TO DO: Find the line in the data below that contains "p35 = place(p14, origin())". Return that line and all the lines after it, unchanged.

______

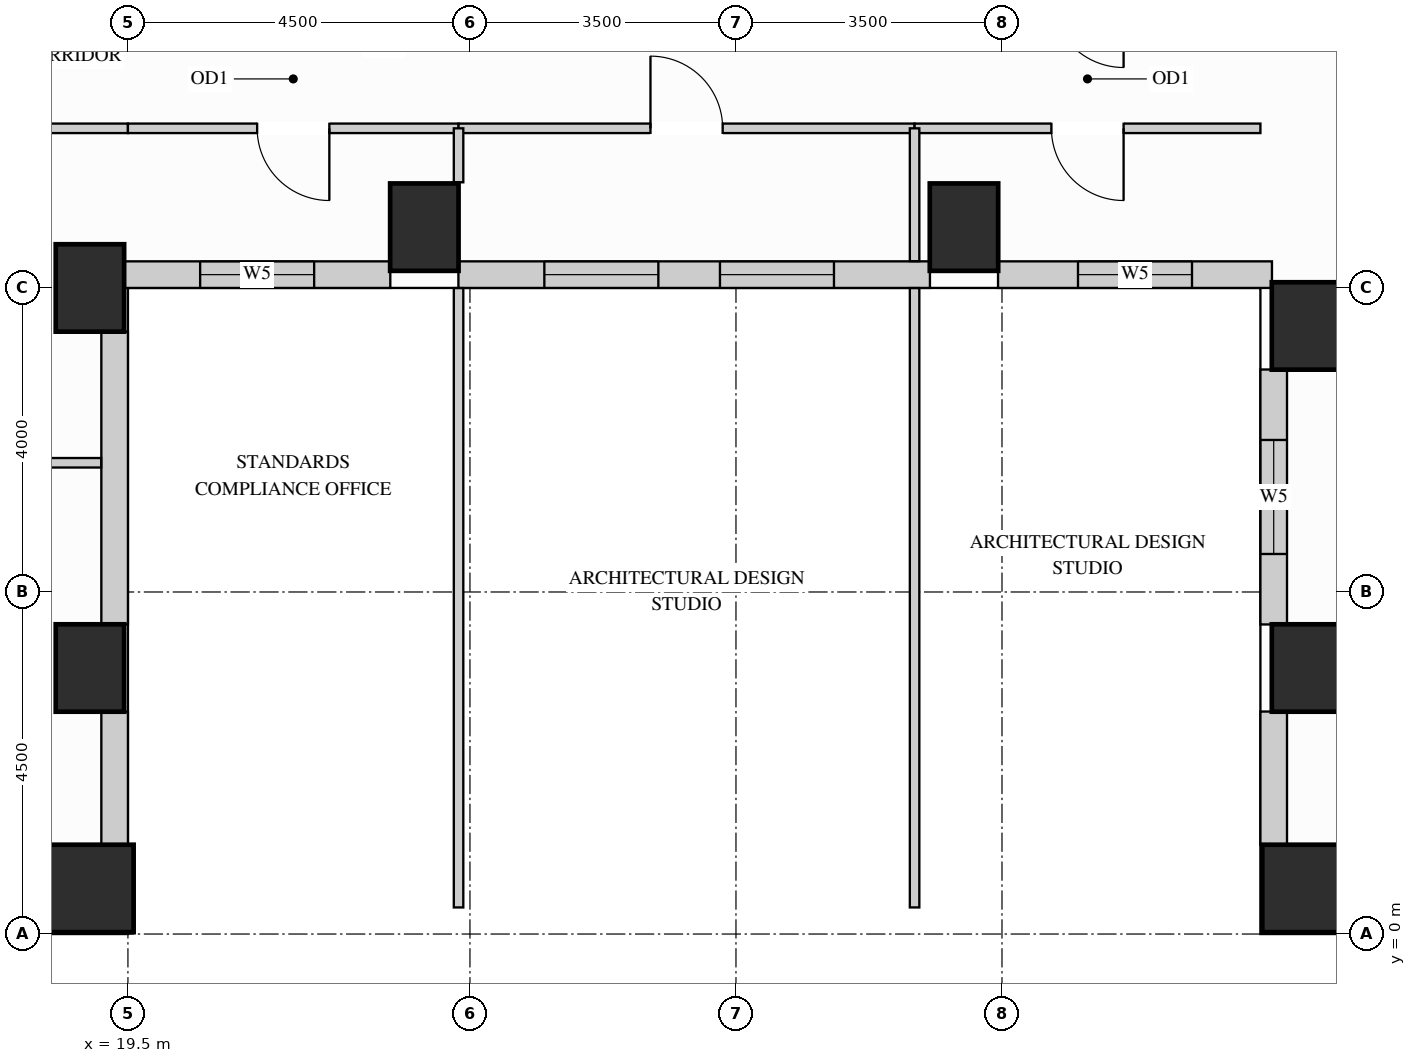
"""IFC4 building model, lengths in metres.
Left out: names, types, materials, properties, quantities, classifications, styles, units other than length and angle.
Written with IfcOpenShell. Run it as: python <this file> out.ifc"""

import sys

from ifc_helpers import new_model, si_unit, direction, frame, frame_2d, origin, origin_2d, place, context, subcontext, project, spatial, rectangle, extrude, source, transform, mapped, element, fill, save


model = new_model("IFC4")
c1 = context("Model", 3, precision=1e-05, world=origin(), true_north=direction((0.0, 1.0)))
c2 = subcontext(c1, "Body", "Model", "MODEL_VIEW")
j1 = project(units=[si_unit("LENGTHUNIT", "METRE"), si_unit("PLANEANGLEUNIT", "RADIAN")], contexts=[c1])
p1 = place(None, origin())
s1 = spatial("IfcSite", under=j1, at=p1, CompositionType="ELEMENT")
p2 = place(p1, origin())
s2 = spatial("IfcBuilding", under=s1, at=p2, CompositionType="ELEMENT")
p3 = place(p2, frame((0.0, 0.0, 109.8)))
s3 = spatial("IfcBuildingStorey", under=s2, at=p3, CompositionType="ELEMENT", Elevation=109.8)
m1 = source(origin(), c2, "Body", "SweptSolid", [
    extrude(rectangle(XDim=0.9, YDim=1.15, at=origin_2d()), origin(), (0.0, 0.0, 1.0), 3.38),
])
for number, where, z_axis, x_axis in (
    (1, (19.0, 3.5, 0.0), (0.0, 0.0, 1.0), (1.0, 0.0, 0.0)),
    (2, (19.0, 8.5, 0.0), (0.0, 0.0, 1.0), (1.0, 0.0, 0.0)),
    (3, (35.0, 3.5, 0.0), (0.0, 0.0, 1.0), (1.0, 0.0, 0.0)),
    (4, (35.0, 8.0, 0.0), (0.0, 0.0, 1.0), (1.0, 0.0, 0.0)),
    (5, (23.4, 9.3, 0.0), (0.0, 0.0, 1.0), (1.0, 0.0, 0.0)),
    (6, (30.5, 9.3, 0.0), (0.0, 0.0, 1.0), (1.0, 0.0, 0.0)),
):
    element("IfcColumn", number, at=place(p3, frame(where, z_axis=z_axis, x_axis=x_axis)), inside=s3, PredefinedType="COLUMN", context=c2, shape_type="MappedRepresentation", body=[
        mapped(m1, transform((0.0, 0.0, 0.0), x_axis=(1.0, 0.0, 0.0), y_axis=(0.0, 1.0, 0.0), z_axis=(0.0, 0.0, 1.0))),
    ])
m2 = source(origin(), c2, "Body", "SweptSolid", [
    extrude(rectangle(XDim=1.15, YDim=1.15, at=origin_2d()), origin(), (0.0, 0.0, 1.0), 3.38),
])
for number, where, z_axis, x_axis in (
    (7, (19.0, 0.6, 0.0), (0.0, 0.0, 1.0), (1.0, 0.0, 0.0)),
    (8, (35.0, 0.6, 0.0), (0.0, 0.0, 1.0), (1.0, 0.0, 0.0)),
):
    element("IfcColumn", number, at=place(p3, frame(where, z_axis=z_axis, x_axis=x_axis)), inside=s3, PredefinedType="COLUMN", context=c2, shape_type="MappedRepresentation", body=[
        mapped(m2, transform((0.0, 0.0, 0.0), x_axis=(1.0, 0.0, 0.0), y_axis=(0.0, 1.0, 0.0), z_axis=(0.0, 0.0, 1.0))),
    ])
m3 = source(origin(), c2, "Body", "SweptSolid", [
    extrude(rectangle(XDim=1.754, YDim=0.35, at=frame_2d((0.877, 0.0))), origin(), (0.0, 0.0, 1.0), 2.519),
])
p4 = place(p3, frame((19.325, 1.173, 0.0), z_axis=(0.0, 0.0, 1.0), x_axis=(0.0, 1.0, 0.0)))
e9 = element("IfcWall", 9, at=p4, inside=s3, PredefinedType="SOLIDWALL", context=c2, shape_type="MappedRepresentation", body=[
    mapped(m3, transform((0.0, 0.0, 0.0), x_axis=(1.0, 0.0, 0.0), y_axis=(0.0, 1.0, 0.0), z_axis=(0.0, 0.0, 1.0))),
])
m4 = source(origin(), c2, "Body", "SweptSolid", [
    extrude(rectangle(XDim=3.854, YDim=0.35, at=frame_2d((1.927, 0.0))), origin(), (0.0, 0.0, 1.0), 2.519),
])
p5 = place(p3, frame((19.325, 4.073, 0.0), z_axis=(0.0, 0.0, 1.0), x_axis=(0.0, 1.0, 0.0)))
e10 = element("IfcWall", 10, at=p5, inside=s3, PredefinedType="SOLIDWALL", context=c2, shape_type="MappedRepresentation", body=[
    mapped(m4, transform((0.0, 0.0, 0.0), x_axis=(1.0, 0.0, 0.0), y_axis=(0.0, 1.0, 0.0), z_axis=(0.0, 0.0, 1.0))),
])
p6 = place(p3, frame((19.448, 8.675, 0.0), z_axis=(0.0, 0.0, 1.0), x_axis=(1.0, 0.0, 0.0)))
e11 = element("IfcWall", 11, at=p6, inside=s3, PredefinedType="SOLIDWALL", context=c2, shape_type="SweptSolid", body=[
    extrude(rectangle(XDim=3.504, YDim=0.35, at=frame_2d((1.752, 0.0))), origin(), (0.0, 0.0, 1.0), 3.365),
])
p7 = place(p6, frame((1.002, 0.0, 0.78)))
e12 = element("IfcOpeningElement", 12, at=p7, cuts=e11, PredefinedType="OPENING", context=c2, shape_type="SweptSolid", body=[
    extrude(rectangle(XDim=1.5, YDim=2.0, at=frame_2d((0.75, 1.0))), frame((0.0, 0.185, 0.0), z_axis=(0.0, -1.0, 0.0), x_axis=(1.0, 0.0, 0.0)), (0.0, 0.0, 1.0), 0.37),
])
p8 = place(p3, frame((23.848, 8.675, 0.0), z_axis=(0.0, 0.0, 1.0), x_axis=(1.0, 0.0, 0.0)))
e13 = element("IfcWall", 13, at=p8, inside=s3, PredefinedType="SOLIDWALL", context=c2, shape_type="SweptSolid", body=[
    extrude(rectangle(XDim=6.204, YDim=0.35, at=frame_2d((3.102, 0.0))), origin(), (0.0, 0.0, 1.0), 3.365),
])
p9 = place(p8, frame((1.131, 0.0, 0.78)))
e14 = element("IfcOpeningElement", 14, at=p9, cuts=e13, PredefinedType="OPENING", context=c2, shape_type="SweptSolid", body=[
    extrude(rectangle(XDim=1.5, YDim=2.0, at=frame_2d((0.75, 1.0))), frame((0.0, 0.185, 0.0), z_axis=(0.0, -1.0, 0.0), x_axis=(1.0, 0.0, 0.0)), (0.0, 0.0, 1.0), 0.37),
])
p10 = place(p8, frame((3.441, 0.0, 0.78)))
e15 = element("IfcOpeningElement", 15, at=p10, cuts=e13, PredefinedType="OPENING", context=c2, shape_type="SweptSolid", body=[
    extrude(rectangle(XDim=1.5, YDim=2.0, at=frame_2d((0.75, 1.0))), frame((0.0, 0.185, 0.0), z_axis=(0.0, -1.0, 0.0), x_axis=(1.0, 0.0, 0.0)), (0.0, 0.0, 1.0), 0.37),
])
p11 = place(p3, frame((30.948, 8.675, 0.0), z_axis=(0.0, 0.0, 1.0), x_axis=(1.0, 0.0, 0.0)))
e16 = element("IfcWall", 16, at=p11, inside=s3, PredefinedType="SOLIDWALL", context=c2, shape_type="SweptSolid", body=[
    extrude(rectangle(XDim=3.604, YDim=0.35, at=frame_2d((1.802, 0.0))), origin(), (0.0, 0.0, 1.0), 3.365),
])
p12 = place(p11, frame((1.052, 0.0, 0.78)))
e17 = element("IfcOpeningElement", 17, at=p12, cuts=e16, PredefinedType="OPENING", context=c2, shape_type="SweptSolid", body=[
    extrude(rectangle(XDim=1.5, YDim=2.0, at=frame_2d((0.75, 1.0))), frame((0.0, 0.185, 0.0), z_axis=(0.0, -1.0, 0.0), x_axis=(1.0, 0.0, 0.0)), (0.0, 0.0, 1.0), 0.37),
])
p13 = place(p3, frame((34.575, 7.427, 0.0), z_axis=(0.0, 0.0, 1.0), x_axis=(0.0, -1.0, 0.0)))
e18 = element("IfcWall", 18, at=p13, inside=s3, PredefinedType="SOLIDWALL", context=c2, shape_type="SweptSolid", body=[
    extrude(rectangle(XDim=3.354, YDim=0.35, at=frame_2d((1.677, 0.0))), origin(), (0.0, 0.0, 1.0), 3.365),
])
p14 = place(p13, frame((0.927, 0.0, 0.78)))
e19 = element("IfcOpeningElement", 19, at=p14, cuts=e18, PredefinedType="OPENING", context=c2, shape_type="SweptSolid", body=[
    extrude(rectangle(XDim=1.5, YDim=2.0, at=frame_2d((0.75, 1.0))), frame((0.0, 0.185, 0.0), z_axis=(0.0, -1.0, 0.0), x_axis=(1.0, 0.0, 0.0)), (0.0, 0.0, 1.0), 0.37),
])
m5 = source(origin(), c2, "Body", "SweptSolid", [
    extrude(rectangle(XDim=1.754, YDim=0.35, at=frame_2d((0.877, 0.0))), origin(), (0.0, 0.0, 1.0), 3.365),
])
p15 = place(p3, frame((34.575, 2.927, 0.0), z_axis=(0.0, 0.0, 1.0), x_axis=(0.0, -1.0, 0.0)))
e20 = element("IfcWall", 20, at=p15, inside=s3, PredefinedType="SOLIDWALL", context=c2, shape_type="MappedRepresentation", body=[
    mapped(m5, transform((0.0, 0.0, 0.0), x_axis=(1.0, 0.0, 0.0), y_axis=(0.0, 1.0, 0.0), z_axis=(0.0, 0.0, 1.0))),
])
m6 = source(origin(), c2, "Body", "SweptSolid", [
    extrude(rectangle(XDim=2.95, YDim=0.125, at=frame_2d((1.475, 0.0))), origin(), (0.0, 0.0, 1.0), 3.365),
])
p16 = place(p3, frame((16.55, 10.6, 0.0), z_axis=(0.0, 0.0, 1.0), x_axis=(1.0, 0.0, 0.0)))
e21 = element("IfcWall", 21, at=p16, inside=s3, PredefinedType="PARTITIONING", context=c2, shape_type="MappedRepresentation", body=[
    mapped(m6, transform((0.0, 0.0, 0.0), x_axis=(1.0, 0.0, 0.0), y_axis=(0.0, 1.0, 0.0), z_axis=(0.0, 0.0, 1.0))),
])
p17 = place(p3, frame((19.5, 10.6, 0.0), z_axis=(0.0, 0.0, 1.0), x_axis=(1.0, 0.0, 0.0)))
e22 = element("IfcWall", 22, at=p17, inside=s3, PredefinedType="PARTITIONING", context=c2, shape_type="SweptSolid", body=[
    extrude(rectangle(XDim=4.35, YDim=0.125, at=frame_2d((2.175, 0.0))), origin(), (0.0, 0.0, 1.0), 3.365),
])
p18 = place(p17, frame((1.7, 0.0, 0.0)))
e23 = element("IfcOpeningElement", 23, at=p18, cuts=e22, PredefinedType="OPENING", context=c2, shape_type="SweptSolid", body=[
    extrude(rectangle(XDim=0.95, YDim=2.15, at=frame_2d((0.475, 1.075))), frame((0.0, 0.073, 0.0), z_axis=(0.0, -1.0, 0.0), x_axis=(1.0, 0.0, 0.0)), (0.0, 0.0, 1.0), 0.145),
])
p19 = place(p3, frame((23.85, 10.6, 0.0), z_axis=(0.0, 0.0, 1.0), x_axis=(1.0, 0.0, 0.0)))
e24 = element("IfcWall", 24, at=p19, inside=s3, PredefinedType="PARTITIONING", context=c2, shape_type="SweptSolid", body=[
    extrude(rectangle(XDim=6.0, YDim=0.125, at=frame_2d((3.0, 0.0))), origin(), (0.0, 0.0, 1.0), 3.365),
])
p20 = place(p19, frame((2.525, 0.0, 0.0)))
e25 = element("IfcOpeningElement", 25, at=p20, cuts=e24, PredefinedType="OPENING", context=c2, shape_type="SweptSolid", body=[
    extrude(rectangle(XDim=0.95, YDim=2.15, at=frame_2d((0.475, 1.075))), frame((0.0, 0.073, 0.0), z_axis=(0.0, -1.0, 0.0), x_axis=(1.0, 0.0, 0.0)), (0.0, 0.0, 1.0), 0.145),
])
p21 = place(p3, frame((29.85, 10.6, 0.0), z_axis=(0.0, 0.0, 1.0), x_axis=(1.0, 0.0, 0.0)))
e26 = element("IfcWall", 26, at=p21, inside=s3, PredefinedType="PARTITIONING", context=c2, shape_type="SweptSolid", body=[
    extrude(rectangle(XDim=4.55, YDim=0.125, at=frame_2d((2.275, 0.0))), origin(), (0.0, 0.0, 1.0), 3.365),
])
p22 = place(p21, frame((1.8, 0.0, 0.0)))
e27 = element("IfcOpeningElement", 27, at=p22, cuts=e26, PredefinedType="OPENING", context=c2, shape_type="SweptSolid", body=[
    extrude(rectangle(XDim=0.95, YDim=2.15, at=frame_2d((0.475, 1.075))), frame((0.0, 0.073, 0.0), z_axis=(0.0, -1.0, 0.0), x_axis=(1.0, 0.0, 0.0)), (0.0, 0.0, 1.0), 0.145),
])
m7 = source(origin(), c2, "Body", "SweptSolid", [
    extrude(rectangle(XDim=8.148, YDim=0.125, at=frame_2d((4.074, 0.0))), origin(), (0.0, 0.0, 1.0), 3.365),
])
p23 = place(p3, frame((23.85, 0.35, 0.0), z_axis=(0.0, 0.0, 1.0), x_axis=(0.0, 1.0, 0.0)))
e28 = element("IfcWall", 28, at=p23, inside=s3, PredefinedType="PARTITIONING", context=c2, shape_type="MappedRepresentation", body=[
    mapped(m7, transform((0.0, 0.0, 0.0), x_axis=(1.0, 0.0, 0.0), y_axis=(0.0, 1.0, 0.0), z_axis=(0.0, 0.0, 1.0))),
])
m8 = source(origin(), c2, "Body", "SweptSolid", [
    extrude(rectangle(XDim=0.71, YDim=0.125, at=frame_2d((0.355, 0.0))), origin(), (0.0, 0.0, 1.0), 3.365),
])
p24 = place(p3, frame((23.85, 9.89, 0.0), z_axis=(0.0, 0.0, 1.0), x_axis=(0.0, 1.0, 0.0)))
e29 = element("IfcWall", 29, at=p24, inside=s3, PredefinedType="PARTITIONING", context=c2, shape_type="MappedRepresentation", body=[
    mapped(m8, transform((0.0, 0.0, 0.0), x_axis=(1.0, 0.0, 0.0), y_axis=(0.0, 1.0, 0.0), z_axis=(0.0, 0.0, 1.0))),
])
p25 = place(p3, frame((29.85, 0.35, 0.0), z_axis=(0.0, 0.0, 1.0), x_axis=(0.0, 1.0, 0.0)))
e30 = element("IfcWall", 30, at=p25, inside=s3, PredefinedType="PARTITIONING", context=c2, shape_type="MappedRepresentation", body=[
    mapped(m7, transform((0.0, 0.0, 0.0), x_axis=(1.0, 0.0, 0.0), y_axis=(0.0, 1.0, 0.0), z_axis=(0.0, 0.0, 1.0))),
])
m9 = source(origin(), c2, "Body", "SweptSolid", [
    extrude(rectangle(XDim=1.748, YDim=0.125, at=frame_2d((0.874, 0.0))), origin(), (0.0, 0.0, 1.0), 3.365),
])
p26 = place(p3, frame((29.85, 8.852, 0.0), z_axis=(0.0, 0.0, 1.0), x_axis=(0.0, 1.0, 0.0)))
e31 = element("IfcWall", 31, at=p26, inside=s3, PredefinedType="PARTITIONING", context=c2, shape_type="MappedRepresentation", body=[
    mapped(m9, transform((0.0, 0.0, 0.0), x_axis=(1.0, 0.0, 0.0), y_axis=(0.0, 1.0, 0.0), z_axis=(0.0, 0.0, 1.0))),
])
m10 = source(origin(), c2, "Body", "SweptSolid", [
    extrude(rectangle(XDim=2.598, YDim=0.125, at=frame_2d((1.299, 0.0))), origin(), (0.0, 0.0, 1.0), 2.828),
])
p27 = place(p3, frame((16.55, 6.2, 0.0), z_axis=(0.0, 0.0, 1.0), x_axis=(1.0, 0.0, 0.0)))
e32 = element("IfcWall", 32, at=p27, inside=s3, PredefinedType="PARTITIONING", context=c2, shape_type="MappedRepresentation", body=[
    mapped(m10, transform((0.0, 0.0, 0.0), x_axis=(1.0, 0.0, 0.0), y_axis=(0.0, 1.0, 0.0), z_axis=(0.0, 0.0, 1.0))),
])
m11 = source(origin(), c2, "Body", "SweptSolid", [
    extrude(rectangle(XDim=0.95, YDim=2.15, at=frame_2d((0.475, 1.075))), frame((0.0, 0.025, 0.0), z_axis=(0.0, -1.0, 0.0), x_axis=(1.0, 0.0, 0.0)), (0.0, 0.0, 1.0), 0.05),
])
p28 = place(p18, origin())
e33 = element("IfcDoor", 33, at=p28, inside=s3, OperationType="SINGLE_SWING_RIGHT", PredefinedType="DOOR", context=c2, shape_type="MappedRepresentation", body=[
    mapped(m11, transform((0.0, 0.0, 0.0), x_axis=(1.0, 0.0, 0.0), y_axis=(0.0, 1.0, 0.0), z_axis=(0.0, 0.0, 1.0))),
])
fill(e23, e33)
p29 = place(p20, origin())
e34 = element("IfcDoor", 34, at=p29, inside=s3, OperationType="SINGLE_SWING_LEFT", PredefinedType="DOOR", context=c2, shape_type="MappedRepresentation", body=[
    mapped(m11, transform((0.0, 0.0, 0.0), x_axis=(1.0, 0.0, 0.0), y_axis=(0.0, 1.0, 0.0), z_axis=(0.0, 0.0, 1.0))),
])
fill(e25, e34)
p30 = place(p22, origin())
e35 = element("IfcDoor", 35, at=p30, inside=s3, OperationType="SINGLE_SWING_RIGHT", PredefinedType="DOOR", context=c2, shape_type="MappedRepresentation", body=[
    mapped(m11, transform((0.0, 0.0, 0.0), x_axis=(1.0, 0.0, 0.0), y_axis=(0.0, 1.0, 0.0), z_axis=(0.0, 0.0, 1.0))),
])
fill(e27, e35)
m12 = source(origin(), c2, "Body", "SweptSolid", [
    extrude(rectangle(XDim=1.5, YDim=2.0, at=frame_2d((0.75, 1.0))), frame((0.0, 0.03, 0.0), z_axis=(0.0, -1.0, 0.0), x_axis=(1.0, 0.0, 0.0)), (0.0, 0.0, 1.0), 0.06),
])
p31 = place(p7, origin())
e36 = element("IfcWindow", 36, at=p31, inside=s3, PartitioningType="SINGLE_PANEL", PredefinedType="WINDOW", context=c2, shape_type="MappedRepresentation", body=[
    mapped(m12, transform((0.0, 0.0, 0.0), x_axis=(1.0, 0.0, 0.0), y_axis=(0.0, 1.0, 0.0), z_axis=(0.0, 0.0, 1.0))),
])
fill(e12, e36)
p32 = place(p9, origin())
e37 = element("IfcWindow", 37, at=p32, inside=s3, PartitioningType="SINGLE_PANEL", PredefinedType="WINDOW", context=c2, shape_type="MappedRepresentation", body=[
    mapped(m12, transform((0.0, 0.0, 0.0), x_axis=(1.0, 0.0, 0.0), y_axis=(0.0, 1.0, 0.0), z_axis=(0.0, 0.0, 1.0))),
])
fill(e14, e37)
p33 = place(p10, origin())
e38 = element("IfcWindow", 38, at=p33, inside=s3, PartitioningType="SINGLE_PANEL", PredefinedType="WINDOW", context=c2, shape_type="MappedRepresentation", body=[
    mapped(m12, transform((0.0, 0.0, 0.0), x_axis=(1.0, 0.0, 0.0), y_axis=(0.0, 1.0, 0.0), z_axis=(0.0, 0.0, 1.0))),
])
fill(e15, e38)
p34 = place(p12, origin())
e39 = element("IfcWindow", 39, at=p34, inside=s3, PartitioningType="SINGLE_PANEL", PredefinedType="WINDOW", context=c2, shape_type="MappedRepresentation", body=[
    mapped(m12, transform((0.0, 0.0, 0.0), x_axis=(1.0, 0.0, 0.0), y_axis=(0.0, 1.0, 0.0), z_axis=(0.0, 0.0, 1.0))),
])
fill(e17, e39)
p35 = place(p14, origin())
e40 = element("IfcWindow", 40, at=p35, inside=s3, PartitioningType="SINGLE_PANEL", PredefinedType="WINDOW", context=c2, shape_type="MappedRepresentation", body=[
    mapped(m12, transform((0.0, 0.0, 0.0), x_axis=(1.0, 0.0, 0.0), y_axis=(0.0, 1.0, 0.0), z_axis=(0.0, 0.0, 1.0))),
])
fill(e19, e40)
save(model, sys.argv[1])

______

FINISHED EXERCISE:
p35 = place(p14, origin())
e40 = element("IfcWindow", 40, at=p35, inside=s3, PartitioningType="SINGLE_PANEL", PredefinedType="WINDOW", context=c2, shape_type="MappedRepresentation", body=[
    mapped(m12, transform((0.0, 0.0, 0.0), x_axis=(1.0, 0.0, 0.0), y_axis=(0.0, 1.0, 0.0), z_axis=(0.0, 0.0, 1.0))),
])
fill(e19, e40)
save(model, sys.argv[1])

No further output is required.